EXERCISE DESCRIPTION: Pull every line holding the string "fill" from the records below.

DATA FOR REVIEW:
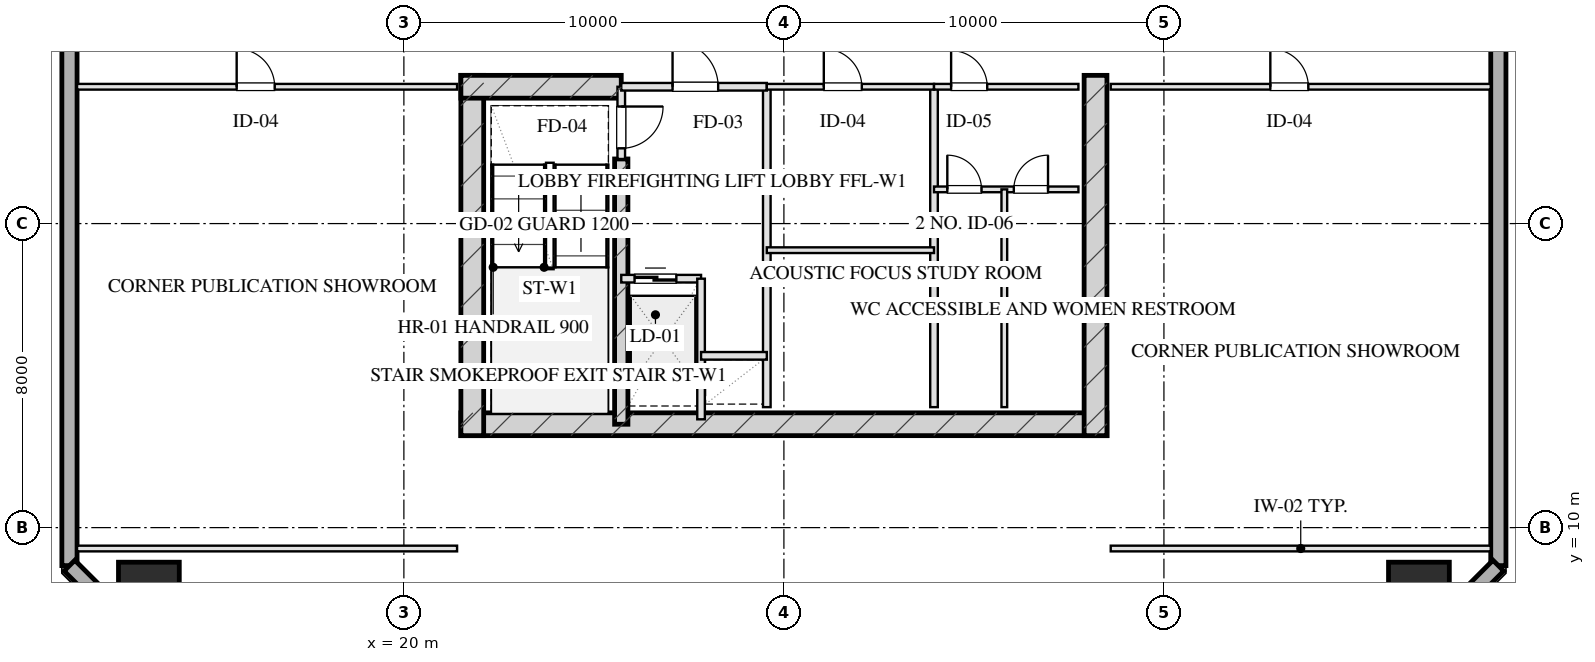
"""IFC4 building model, lengths in metres.
Left out: names, types, materials, properties, quantities, classifications, styles, units other than length and angle.
Written with IfcOpenShell. Run it as: python <this file> out.ifc"""

import sys

from ifc_helpers import new_model, si_unit, direction, frame, frame_2d, origin, origin_2d, place, context, subcontext, project, spatial, rectangle, hollow_rectangle, extrude, element, fill, save


model = new_model("IFC4")
c1 = context("Model", 3, precision=1e-05, world=origin(), true_north=direction((0.0, 1.0)))
c2 = subcontext(c1, "Body", "Model", "MODEL_VIEW")
j1 = project(units=[si_unit("LENGTHUNIT", "METRE"), si_unit("PLANEANGLEUNIT", "RADIAN")], contexts=[c1])
p1 = place(None, origin())
s1 = spatial("IfcSite", under=j1, at=p1, CompositionType="ELEMENT")
p2 = place(p1, origin())
s2 = spatial("IfcBuilding", under=s1, at=p2, CompositionType="ELEMENT")
p3 = place(p2, frame((0.0, 0.0, 124.2)))
s3 = spatial("IfcBuildingStorey", under=s2, at=p3, CompositionType="ELEMENT", Elevation=124.2)
p4 = place(p3, frame((21.5, 12.72, 0.0), z_axis=(0.0, 0.0, 1.0), x_axis=(1.0, 0.0, 0.0)))
e1 = element("IfcWall", 1, at=p4, inside=s3, PredefinedType="SHEAR", context=c2, shape_type="SweptSolid", body=[
    extrude(rectangle(XDim=17.0, YDim=0.6, at=frame_2d((8.5, 0.0))), origin(), (0.0, 0.0, 1.0), 3.45),
])
for number, where, z_axis, x_axis in (
    (2, (21.8, 21.9, 0.0), (0.0, 0.0, 1.0), (0.0, -1.0, 0.0)),
    (3, (38.2, 21.9, 0.0), (0.0, 0.0, 1.0), (0.0, -1.0, 0.0)),
):
    element("IfcWall", number, at=place(p3, frame(where, z_axis=z_axis, x_axis=x_axis)), inside=s3, PredefinedType="SHEAR", context=c2, shape_type="SweptSolid", body=[
        extrude(rectangle(XDim=9.48, YDim=0.6, at=frame_2d((4.74, 0.0))), origin(), (0.0, 0.0, 1.0), 3.45),
    ])
p5 = place(p3, frame((25.72, 19.7, 0.0), z_axis=(0.0, 0.0, 1.0), x_axis=(0.0, -1.0, 0.0)))
e4 = element("IfcWall", 4, at=p5, inside=s3, PredefinedType="SHEAR", context=c2, shape_type="SweptSolid", body=[
    extrude(rectangle(XDim=6.98, YDim=0.35, at=frame_2d((3.49, 0.0))), origin(), (0.0, 0.0, 1.0), 3.45),
])
p6 = place(p3, frame((21.5, 21.6, 0.0), z_axis=(0.0, 0.0, 1.0), x_axis=(1.0, 0.0, 0.0)))
e5 = element("IfcWall", 5, at=p6, inside=s3, PredefinedType="SHEAR", context=c2, shape_type="SweptSolid", body=[
    extrude(rectangle(XDim=4.22, YDim=0.6, at=frame_2d((2.11, 0.0))), origin(), (0.0, 0.0, 1.0), 3.45),
])
for number, where, z_axis, x_axis in (
    (6, (13.29, 8.29, 0.0), (0.0, 0.0, 1.0), (1.0, 0.0, 0.0)),
    (7, (46.71, 8.29, 0.0), (0.0, 0.0, 1.0), (1.0, 0.0, 0.0)),
):
    element("IfcColumn", number, at=place(p3, frame(where, z_axis=z_axis, x_axis=x_axis)), inside=s3, PredefinedType="COLUMN", context=c2, shape_type="SweptSolid", body=[
        extrude(hollow_rectangle(XDim=1.6, YDim=1.6, WallThickness=0.055, at=origin_2d()), origin(), (0.0, 0.0, 1.0), 3.451),
    ])
p7 = place(p3, frame((11.2, 9.0, 0.0), z_axis=(0.0, 0.0, 1.0), x_axis=(0.0, 1.0, 0.0)))
e8 = element("IfcWall", 8, at=p7, inside=s3, PredefinedType="SOLIDWALL", context=c2, shape_type="SweptSolid", body=[
    extrude(rectangle(XDim=50.0, YDim=0.4, at=frame_2d((25.0, 0.0))), origin(), (0.0, 0.0, 1.0), 2.61),
])
p8 = place(p7, frame((30.2, 0.0, 0.75)))
e9 = element("IfcOpeningElement", 9, at=p8, cuts=e8, PredefinedType="OPENING", context=c2, shape_type="SweptSolid", body=[
    extrude(rectangle(XDim=2.4, YDim=1.46, at=frame_2d((1.2, 0.73))), frame((0.0, 0.21, 0.0), z_axis=(0.0, -1.0, 0.0), x_axis=(1.0, 0.0, 0.0)), (0.0, 0.0, 1.0), 0.42),
])
p9 = place(p7, frame((18.65, 0.0, 0.0)))
e10 = element("IfcOpeningElement", 10, at=p9, cuts=e8, PredefinedType="OPENING", context=c2, shape_type="SweptSolid", body=[
    extrude(rectangle(XDim=1.1, YDim=2.15, at=frame_2d((0.55, 1.075))), frame((0.0, 0.21, 0.0), z_axis=(0.0, -1.0, 0.0), x_axis=(1.0, 0.0, 0.0)), (0.0, 0.0, 1.0), 0.42),
])
p10 = place(p3, frame((48.8, 59.0, 0.0), z_axis=(0.0, 0.0, 1.0), x_axis=(0.0, -1.0, 0.0)))
e11 = element("IfcWall", 11, at=p10, inside=s3, PredefinedType="SOLIDWALL", context=c2, shape_type="SweptSolid", body=[
    extrude(rectangle(XDim=50.0, YDim=0.4, at=frame_2d((25.0, 0.0))), origin(), (0.0, 0.0, 1.0), 2.61),
])
p11 = place(p10, frame((21.2, 0.0, 0.75)))
e12 = element("IfcOpeningElement", 12, at=p11, cuts=e11, PredefinedType="OPENING", context=c2, shape_type="SweptSolid", body=[
    extrude(rectangle(XDim=2.4, YDim=1.46, at=frame_2d((1.2, 0.73))), frame((0.0, 0.21, 0.0), z_axis=(0.0, -1.0, 0.0), x_axis=(1.0, 0.0, 0.0)), (0.0, 0.0, 1.0), 0.42),
])
p12 = place(p10, frame((30.25, 0.0, 0.0)))
e13 = element("IfcOpeningElement", 13, at=p12, cuts=e11, PredefinedType="OPENING", context=c2, shape_type="SweptSolid", body=[
    extrude(rectangle(XDim=1.1, YDim=2.15, at=frame_2d((0.55, 1.075))), frame((0.0, 0.21, 0.0), z_axis=(0.0, -1.0, 0.0), x_axis=(1.0, 0.0, 0.0)), (0.0, 0.0, 1.0), 0.42),
])
for number, where, z_axis, x_axis in (
    (14, (48.8, 9.0, 0.0), (0.0, 0.0, 1.0), (-0.707, -0.707, 0.0)),
    (15, (14.0, 6.2, 0.0), (0.0, 0.0, 1.0), (-0.707, 0.707, 0.0)),
):
    element("IfcWall", number, at=place(p3, frame(where, z_axis=z_axis, x_axis=x_axis)), inside=s3, PredefinedType="SOLIDWALL", context=c2, shape_type="SweptSolid", body=[
        extrude(rectangle(XDim=3.96, YDim=0.4, at=frame_2d((1.98, 0.0))), origin(), (0.0, 0.0, 1.0), 2.61),
    ])
p13 = place(p3, frame((25.72, 21.6, 0.0), z_axis=(0.0, 0.0, 1.0), x_axis=(0.0, -1.0, 0.0)))
e16 = element("IfcWall", 16, at=p13, inside=s3, PredefinedType="PARTITIONING", context=c2, shape_type="SweptSolid", body=[
    extrude(rectangle(XDim=1.9, YDim=0.2, at=frame_2d((0.95, 0.0))), origin(), (0.0, 0.0, 1.0), 3.175),
])
p14 = place(p13, frame((0.52, 0.0, 0.0)))
e17 = element("IfcOpeningElement", 17, at=p14, cuts=e16, PredefinedType="OPENING", context=c2, shape_type="SweptSolid", body=[
    extrude(rectangle(XDim=1.1, YDim=2.05, at=frame_2d((0.55, 1.025))), frame((0.0, 0.11, 0.0), z_axis=(0.0, -1.0, 0.0), x_axis=(1.0, 0.0, 0.0)), (0.0, 0.0, 1.0), 0.22),
])
p15 = place(p3, frame((29.55, 21.6, 0.0), z_axis=(0.0, 0.0, 1.0), x_axis=(0.0, -1.0, 0.0)))
e18 = element("IfcWall", 18, at=p15, inside=s3, PredefinedType="PARTITIONING", context=c2, shape_type="SweptSolid", body=[
    extrude(rectangle(XDim=8.43, YDim=0.2, at=frame_2d((4.215, 0.0))), origin(), (0.0, 0.0, 1.0), 3.175),
])
p16 = place(p3, frame((25.72, 21.6, 0.0), z_axis=(0.0, 0.0, 1.0), x_axis=(1.0, 0.0, 0.0)))
e19 = element("IfcWall", 19, at=p16, inside=s3, PredefinedType="PARTITIONING", context=c2, shape_type="SweptSolid", body=[
    extrude(rectangle(XDim=3.83, YDim=0.2, at=frame_2d((1.915, 0.0))), origin(), (0.0, 0.0, 1.0), 3.175),
])
p17 = place(p16, frame((1.35, 0.0, 0.0)))
e20 = element("IfcOpeningElement", 20, at=p17, cuts=e19, PredefinedType="OPENING", context=c2, shape_type="SweptSolid", body=[
    extrude(rectangle(XDim=1.2, YDim=2.05, at=frame_2d((0.6, 1.025))), frame((0.0, 0.11, 0.0), z_axis=(0.0, -1.0, 0.0), x_axis=(1.0, 0.0, 0.0)), (0.0, 0.0, 1.0), 0.22),
])
p18 = place(p3, frame((25.72, 16.55, 0.0), z_axis=(0.0, 0.0, 1.0), x_axis=(1.0, 0.0, 0.0)))
e21 = element("IfcWall", 21, at=p18, inside=s3, PredefinedType="PARTITIONING", context=c2, shape_type="SweptSolid", body=[
    extrude(rectangle(XDim=2.1, YDim=0.2, at=frame_2d((1.05, 0.0))), origin(), (0.0, 0.0, 1.0), 3.175),
])
p19 = place(p18, frame((0.35, 0.0, 0.0)))
e22 = element("IfcOpeningElement", 22, at=p19, cuts=e21, PredefinedType="OPENING", context=c2, shape_type="SweptSolid", body=[
    extrude(rectangle(XDim=1.1, YDim=2.05, at=frame_2d((0.55, 1.025))), frame((0.0, 0.11, 0.0), z_axis=(0.0, -1.0, 0.0), x_axis=(1.0, 0.0, 0.0)), (0.0, 0.0, 1.0), 0.22),
])
p20 = place(p3, frame((27.82, 16.55, 0.0), z_axis=(0.0, 0.0, 1.0), x_axis=(0.0, -1.0, 0.0)))
e23 = element("IfcWall", 23, at=p20, inside=s3, PredefinedType="PARTITIONING", context=c2, shape_type="SweptSolid", body=[
    extrude(rectangle(XDim=3.7, YDim=0.2, at=frame_2d((1.85, 0.0))), origin(), (0.0, 0.0, 1.0), 3.175),
])
p21 = place(p3, frame((27.82, 14.52, 0.0), z_axis=(0.0, 0.0, 1.0), x_axis=(1.0, 0.0, 0.0)))
e24 = element("IfcWall", 24, at=p21, inside=s3, PredefinedType="PARTITIONING", context=c2, shape_type="SweptSolid", body=[
    extrude(rectangle(XDim=1.73, YDim=0.2, at=frame_2d((0.865, 0.0))), origin(), (0.0, 0.0, 1.0), 3.175),
])
p22 = place(p3, frame((33.95, 21.6, 0.0), z_axis=(0.0, 0.0, 1.0), x_axis=(0.0, -1.0, 0.0)))
e25 = element("IfcWall", 25, at=p22, inside=s3, PredefinedType="PARTITIONING", context=c2, shape_type="SweptSolid", body=[
    extrude(rectangle(XDim=8.43, YDim=0.2, at=frame_2d((4.215, 0.0))), origin(), (0.0, 0.0, 1.0), 3.175),
])
p23 = place(p3, frame((29.55, 21.6, 0.0), z_axis=(0.0, 0.0, 1.0), x_axis=(1.0, 0.0, 0.0)))
e26 = element("IfcWall", 26, at=p23, inside=s3, PredefinedType="PARTITIONING", context=c2, shape_type="SweptSolid", body=[
    extrude(rectangle(XDim=4.4, YDim=0.15, at=frame_2d((2.2, 0.0))), origin(), (0.0, 0.0, 1.0), 3.175),
])
p24 = place(p23, frame((1.5, 0.0, 0.0)))
e27 = element("IfcOpeningElement", 27, at=p24, cuts=e26, PredefinedType="OPENING", context=c2, shape_type="SweptSolid", body=[
    extrude(rectangle(XDim=1.0, YDim=2.05, at=frame_2d((0.5, 1.025))), frame((0.0, 0.085, 0.0), z_axis=(0.0, -1.0, 0.0), x_axis=(1.0, 0.0, 0.0)), (0.0, 0.0, 1.0), 0.17),
])
p25 = place(p3, frame((29.55, 17.3, 0.0), z_axis=(0.0, 0.0, 1.0), x_axis=(1.0, 0.0, 0.0)))
e28 = element("IfcWall", 28, at=p25, inside=s3, PredefinedType="PARTITIONING", context=c2, shape_type="SweptSolid", body=[
    extrude(rectangle(XDim=4.4, YDim=0.15, at=frame_2d((2.2, 0.0))), origin(), (0.0, 0.0, 1.0), 3.175),
])
p26 = place(p3, frame((33.95, 21.6, 0.0), z_axis=(0.0, 0.0, 1.0), x_axis=(1.0, 0.0, 0.0)))
e29 = element("IfcWall", 29, at=p26, inside=s3, PredefinedType="PARTITIONING", context=c2, shape_type="SweptSolid", body=[
    extrude(rectangle(XDim=3.8, YDim=0.15, at=frame_2d((1.9, 0.0))), origin(), (0.0, 0.0, 1.0), 3.175),
])
p27 = place(p26, frame((0.45, 0.0, 0.0)))
e30 = element("IfcOpeningElement", 30, at=p27, cuts=e29, PredefinedType="OPENING", context=c2, shape_type="SweptSolid", body=[
    extrude(rectangle(XDim=0.95, YDim=2.05, at=frame_2d((0.475, 1.025))), frame((0.0, 0.085, 0.0), z_axis=(0.0, -1.0, 0.0), x_axis=(1.0, 0.0, 0.0)), (0.0, 0.0, 1.0), 0.17),
])
p28 = place(p3, frame((33.95, 18.9, 0.0), z_axis=(0.0, 0.0, 1.0), x_axis=(1.0, 0.0, 0.0)))
e31 = element("IfcWall", 31, at=p28, inside=s3, PredefinedType="PARTITIONING", context=c2, shape_type="SweptSolid", body=[
    extrude(rectangle(XDim=3.8, YDim=0.15, at=frame_2d((1.9, 0.0))), origin(), (0.0, 0.0, 1.0), 3.175),
])
p29 = place(p28, frame((0.35, 0.0, 0.0)))
e32 = element("IfcOpeningElement", 32, at=p29, cuts=e31, PredefinedType="OPENING", context=c2, shape_type="SweptSolid", body=[
    extrude(rectangle(XDim=0.9, YDim=2.05, at=frame_2d((0.45, 1.025))), frame((0.0, 0.085, 0.0), z_axis=(0.0, -1.0, 0.0), x_axis=(1.0, 0.0, 0.0)), (0.0, 0.0, 1.0), 0.17),
])
p30 = place(p28, frame((2.1, 0.0, 0.0)))
e33 = element("IfcOpeningElement", 33, at=p30, cuts=e31, PredefinedType="OPENING", context=c2, shape_type="SweptSolid", body=[
    extrude(rectangle(XDim=0.9, YDim=2.05, at=frame_2d((0.45, 1.025))), frame((0.0, 0.085, 0.0), z_axis=(0.0, -1.0, 0.0), x_axis=(1.0, 0.0, 0.0)), (0.0, 0.0, 1.0), 0.17),
])
p31 = place(p3, frame((35.8, 18.9, 0.0), z_axis=(0.0, 0.0, 1.0), x_axis=(0.0, -1.0, 0.0)))
e34 = element("IfcWall", 34, at=p31, inside=s3, PredefinedType="PARTITIONING", context=c2, shape_type="SweptSolid", body=[
    extrude(rectangle(XDim=5.73, YDim=0.15, at=frame_2d((2.865, 0.0))), origin(), (0.0, 0.0, 1.0), 3.175),
])
p32 = place(p3, frame((11.4, 9.45, 0.0), z_axis=(0.0, 0.0, 1.0), x_axis=(1.0, 0.0, 0.0)))
e35 = element("IfcWall", 35, at=p32, inside=s3, PredefinedType="PARTITIONING", context=c2, shape_type="SweptSolid", body=[
    extrude(rectangle(XDim=10.0, YDim=0.15, at=frame_2d((5.0, 0.0))), origin(), (0.0, 0.0, 1.0), 3.175),
])
p33 = place(p3, frame((11.4, 21.6, 0.0), z_axis=(0.0, 0.0, 1.0), x_axis=(1.0, 0.0, 0.0)))
e36 = element("IfcWall", 36, at=p33, inside=s3, PredefinedType="PARTITIONING", context=c2, shape_type="SweptSolid", body=[
    extrude(rectangle(XDim=10.0, YDim=0.15, at=frame_2d((5.0, 0.0))), origin(), (0.0, 0.0, 1.0), 3.175),
])
p34 = place(p33, frame((4.2, 0.0, 0.0)))
e37 = element("IfcOpeningElement", 37, at=p34, cuts=e36, PredefinedType="OPENING", context=c2, shape_type="SweptSolid", body=[
    extrude(rectangle(XDim=1.0, YDim=2.05, at=frame_2d((0.5, 1.025))), frame((0.0, 0.085, 0.0), z_axis=(0.0, -1.0, 0.0), x_axis=(1.0, 0.0, 0.0)), (0.0, 0.0, 1.0), 0.17),
])
p35 = place(p3, frame((38.6, 9.45, 0.0), z_axis=(0.0, 0.0, 1.0), x_axis=(1.0, 0.0, 0.0)))
e38 = element("IfcWall", 38, at=p35, inside=s3, PredefinedType="PARTITIONING", context=c2, shape_type="SweptSolid", body=[
    extrude(rectangle(XDim=10.0, YDim=0.15, at=frame_2d((5.0, 0.0))), origin(), (0.0, 0.0, 1.0), 3.175),
])
p36 = place(p3, frame((38.6, 21.6, 0.0), z_axis=(0.0, 0.0, 1.0), x_axis=(1.0, 0.0, 0.0)))
e39 = element("IfcWall", 39, at=p36, inside=s3, PredefinedType="PARTITIONING", context=c2, shape_type="SweptSolid", body=[
    extrude(rectangle(XDim=10.0, YDim=0.15, at=frame_2d((5.0, 0.0))), origin(), (0.0, 0.0, 1.0), 3.175),
])
p37 = place(p36, frame((4.2, 0.0, 0.0)))
e40 = element("IfcOpeningElement", 40, at=p37, cuts=e39, PredefinedType="OPENING", context=c2, shape_type="SweptSolid", body=[
    extrude(rectangle(XDim=1.0, YDim=2.05, at=frame_2d((0.5, 1.025))), frame((0.0, 0.085, 0.0), z_axis=(0.0, -1.0, 0.0), x_axis=(1.0, 0.0, 0.0)), (0.0, 0.0, 1.0), 0.17),
])
p38 = place(p14, origin())
e41 = element("IfcDoor", 41, at=p38, inside=s3, OperationType="SINGLE_SWING_LEFT", PredefinedType="DOOR", context=c2, shape_type="SweptSolid", body=[
    extrude(rectangle(XDim=1.1, YDim=2.05, at=frame_2d((0.55, 1.025))), frame((0.0, 0.025, 0.0), z_axis=(0.0, -1.0, 0.0), x_axis=(1.0, 0.0, 0.0)), (0.0, 0.0, 1.0), 0.05),
])
fill(e17, e41)
p39 = place(p17, origin())
e42 = element("IfcDoor", 42, at=p39, inside=s3, OperationType="SINGLE_SWING_LEFT", PredefinedType="DOOR", context=c2, shape_type="SweptSolid", body=[
    extrude(rectangle(XDim=1.2, YDim=2.05, at=frame_2d((0.6, 1.025))), frame((0.0, 0.025, 0.0), z_axis=(0.0, -1.0, 0.0), x_axis=(1.0, 0.0, 0.0)), (0.0, 0.0, 1.0), 0.05),
])
fill(e20, e42)
p40 = place(p19, origin())
e43 = element("IfcDoor", 43, at=p40, inside=s3, OperationType="DOUBLE_DOOR_SLIDING", PredefinedType="DOOR", context=c2, shape_type="SweptSolid", body=[
    extrude(rectangle(XDim=1.1, YDim=2.05, at=frame_2d((0.55, 1.025))), frame((0.0, 0.025, 0.0), z_axis=(0.0, -1.0, 0.0), x_axis=(1.0, 0.0, 0.0)), (0.0, 0.0, 1.0), 0.05),
])
fill(e22, e43)
p41 = place(p24, origin())
e44 = element("IfcDoor", 44, at=p41, inside=s3, OperationType="SINGLE_SWING_LEFT", PredefinedType="DOOR", context=c2, shape_type="SweptSolid", body=[
    extrude(rectangle(XDim=1.0, YDim=2.05, at=frame_2d((0.5, 1.025))), frame((0.0, 0.025, 0.0), z_axis=(0.0, -1.0, 0.0), x_axis=(1.0, 0.0, 0.0)), (0.0, 0.0, 1.0), 0.05),
])
fill(e27, e44)
p42 = place(p27, origin())
e45 = element("IfcDoor", 45, at=p42, inside=s3, OperationType="SINGLE_SWING_LEFT", PredefinedType="DOOR", context=c2, shape_type="SweptSolid", body=[
    extrude(rectangle(XDim=0.95, YDim=2.05, at=frame_2d((0.475, 1.025))), frame((0.0, 0.025, 0.0), z_axis=(0.0, -1.0, 0.0), x_axis=(1.0, 0.0, 0.0)), (0.0, 0.0, 1.0), 0.05),
])
fill(e30, e45)
p43 = place(p29, origin())
e46 = element("IfcDoor", 46, at=p43, inside=s3, OperationType="SINGLE_SWING_LEFT", PredefinedType="DOOR", context=c2, shape_type="SweptSolid", body=[
    extrude(rectangle(XDim=0.9, YDim=2.05, at=frame_2d((0.45, 1.025))), frame((0.0, 0.025, 0.0), z_axis=(0.0, -1.0, 0.0), x_axis=(1.0, 0.0, 0.0)), (0.0, 0.0, 1.0), 0.05),
])
fill(e32, e46)
p44 = place(p30, origin())
e47 = element("IfcDoor", 47, at=p44, inside=s3, OperationType="SINGLE_SWING_RIGHT", PredefinedType="DOOR", context=c2, shape_type="SweptSolid", body=[
    extrude(rectangle(XDim=0.9, YDim=2.05, at=frame_2d((0.45, 1.025))), frame((0.0, 0.025, 0.0), z_axis=(0.0, -1.0, 0.0), x_axis=(1.0, 0.0, 0.0)), (0.0, 0.0, 1.0), 0.05),
])
fill(e33, e47)
p45 = place(p34, origin())
e48 = element("IfcDoor", 48, at=p45, inside=s3, OperationType="SINGLE_SWING_LEFT", PredefinedType="DOOR", context=c2, shape_type="SweptSolid", body=[
    extrude(rectangle(XDim=1.0, YDim=2.05, at=frame_2d((0.5, 1.025))), frame((0.0, 0.025, 0.0), z_axis=(0.0, -1.0, 0.0), x_axis=(1.0, 0.0, 0.0)), (0.0, 0.0, 1.0), 0.05),
])
fill(e37, e48)
p46 = place(p37, origin())
e49 = element("IfcDoor", 49, at=p46, inside=s3, OperationType="SINGLE_SWING_LEFT", PredefinedType="DOOR", context=c2, shape_type="SweptSolid", body=[
    extrude(rectangle(XDim=1.0, YDim=2.05, at=frame_2d((0.5, 1.025))), frame((0.0, 0.025, 0.0), z_axis=(0.0, -1.0, 0.0), x_axis=(1.0, 0.0, 0.0)), (0.0, 0.0, 1.0), 0.05),
])
fill(e40, e49)
save(model, sys.argv[1])

SOLUTION:
from ifc_helpers import new_model, si_unit, direction, frame, frame_2d, origin, origin_2d, place, context, subcontext, project, spatial, rectangle, hollow_rectangle, extrude, element, fill, save
fill(e17, e41)
fill(e20, e42)
fill(e22, e43)
fill(e27, e44)
fill(e30, e45)
fill(e32, e46)
fill(e33, e47)
fill(e37, e48)
fill(e40, e49)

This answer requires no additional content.